● Aim of the task
Narrow the data below down to the lines containing "number".

Dataset records
##########
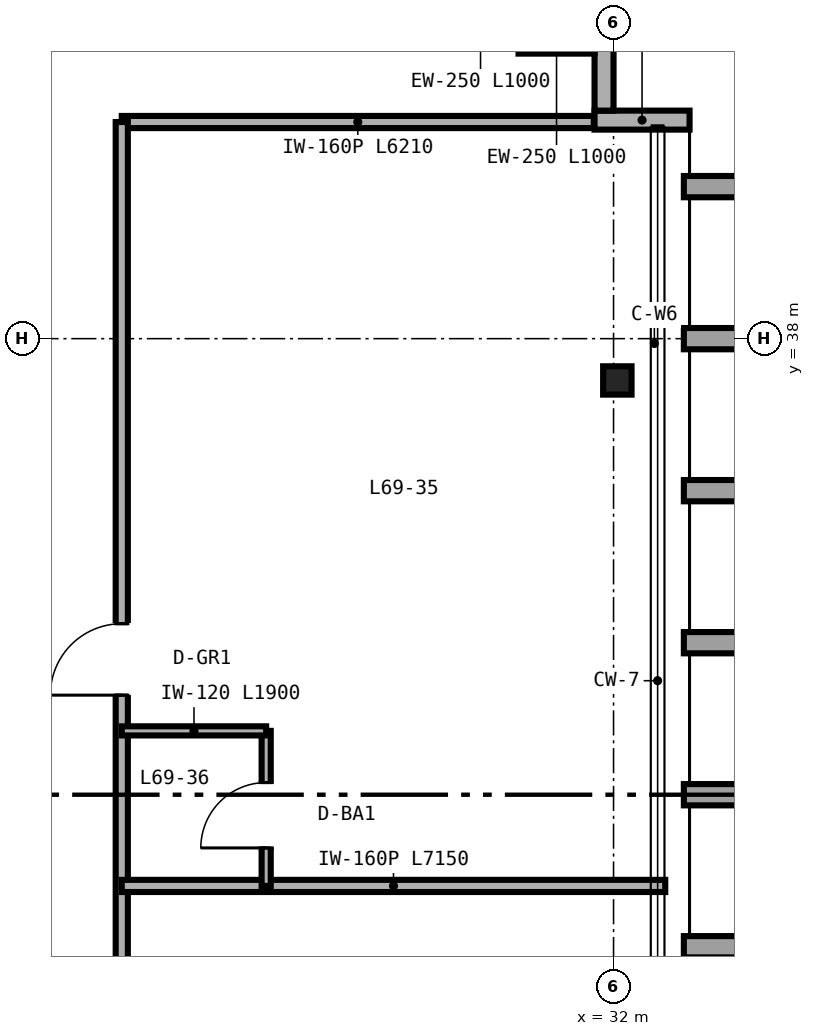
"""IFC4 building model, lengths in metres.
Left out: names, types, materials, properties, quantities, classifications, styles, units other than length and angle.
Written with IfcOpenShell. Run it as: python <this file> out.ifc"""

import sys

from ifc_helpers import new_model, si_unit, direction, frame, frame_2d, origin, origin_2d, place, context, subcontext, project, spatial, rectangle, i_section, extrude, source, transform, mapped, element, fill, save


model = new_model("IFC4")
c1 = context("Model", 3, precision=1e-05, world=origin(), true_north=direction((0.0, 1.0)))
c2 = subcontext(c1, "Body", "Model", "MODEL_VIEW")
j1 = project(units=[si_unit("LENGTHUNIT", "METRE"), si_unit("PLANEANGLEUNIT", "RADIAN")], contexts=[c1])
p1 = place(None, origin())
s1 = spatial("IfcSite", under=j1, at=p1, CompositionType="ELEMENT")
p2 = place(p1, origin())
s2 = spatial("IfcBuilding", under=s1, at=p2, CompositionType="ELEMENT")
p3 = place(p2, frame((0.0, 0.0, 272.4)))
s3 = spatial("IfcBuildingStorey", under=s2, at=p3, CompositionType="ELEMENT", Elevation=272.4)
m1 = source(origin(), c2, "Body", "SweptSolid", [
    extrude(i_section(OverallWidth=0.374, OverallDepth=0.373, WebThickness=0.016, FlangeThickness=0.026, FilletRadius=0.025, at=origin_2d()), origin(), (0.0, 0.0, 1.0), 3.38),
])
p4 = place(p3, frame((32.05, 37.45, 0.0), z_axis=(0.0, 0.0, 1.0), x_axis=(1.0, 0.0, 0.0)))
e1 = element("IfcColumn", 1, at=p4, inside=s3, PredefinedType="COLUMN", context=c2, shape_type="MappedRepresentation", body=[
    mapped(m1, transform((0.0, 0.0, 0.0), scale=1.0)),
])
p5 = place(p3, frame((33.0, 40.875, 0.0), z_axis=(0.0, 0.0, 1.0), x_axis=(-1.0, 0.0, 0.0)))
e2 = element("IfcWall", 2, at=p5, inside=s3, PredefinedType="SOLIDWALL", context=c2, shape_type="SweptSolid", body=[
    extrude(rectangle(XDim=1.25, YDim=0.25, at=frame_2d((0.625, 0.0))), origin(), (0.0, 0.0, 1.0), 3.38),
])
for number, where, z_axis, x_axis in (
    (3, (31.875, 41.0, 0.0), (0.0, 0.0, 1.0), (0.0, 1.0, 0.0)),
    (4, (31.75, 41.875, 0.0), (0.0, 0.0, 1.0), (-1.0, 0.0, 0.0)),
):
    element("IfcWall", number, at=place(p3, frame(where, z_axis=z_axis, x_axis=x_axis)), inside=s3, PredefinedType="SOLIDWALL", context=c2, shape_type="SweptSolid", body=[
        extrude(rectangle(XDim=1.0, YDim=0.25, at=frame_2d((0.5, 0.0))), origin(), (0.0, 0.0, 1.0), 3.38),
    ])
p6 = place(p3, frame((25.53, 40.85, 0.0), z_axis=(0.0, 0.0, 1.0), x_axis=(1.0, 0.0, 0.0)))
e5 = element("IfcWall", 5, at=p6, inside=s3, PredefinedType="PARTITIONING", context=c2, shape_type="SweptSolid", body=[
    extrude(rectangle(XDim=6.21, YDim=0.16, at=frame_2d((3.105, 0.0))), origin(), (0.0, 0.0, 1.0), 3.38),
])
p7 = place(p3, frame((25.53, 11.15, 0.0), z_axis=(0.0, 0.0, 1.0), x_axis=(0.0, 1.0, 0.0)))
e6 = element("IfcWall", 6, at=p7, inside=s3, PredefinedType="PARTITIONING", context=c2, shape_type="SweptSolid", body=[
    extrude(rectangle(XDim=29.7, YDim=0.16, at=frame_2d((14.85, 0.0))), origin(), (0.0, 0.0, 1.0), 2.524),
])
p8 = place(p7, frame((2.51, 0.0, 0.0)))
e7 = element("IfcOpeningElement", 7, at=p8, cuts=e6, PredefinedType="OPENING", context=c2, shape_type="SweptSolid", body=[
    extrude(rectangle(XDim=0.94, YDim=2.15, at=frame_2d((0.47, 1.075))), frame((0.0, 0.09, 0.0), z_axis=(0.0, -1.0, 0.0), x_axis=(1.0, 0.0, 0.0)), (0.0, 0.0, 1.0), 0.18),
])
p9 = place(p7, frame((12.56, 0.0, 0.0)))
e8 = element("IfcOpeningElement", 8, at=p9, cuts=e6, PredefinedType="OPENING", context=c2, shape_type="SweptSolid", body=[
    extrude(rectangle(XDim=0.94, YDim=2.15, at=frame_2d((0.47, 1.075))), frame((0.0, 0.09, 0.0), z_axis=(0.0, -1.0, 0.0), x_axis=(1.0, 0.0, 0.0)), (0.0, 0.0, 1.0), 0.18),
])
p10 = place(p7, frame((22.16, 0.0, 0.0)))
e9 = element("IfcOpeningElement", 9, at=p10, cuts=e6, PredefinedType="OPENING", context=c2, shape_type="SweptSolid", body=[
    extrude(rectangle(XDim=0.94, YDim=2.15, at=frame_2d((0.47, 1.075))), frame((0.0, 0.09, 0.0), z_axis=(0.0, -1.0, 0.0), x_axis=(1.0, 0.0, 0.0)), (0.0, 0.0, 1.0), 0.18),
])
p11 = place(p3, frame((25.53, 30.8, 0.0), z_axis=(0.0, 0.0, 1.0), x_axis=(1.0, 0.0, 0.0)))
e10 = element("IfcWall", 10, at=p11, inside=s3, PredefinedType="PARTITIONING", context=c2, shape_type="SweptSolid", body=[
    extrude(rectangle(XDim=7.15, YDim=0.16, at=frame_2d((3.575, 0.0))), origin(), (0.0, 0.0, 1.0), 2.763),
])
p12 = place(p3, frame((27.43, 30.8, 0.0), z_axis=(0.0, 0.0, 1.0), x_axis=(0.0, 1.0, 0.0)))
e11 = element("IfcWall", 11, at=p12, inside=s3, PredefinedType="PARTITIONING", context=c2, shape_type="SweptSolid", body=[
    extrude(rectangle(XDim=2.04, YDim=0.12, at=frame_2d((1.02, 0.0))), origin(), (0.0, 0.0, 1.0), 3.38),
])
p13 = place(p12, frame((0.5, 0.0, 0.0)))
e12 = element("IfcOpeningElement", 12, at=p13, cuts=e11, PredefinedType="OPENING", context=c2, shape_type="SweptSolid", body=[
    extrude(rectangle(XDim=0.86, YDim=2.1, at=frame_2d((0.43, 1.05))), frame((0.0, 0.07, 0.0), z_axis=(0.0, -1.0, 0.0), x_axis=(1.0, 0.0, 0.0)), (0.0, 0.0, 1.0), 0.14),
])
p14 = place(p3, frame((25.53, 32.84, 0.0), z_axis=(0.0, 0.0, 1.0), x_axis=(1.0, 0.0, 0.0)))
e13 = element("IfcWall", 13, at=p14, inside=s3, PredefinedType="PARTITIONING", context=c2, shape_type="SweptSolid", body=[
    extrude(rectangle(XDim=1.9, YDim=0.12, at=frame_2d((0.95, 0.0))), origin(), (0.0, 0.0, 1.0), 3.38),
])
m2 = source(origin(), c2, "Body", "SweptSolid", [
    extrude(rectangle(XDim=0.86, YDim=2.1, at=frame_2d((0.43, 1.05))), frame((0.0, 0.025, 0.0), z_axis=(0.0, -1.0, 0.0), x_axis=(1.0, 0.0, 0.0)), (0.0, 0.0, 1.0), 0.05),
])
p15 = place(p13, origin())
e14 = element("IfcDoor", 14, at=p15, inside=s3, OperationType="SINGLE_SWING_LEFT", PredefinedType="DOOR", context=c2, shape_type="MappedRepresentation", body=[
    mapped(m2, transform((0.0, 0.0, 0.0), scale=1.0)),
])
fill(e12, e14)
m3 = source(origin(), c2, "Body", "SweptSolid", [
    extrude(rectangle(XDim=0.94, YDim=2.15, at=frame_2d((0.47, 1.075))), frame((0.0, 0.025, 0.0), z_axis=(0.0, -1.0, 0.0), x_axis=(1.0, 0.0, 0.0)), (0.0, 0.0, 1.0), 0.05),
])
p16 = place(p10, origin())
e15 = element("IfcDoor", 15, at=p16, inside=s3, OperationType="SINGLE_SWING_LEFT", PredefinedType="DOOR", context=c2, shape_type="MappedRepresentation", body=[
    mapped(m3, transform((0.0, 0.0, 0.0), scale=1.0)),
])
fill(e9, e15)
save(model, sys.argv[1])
##########
● Completed exercise
for number, where, z_axis, x_axis in (
    element("IfcWall", number, at=place(p3, frame(where, z_axis=z_axis, x_axis=x_axis)), inside=s3, PredefinedType="SOLIDWALL", context=c2, shape_type="SweptSolid", body=[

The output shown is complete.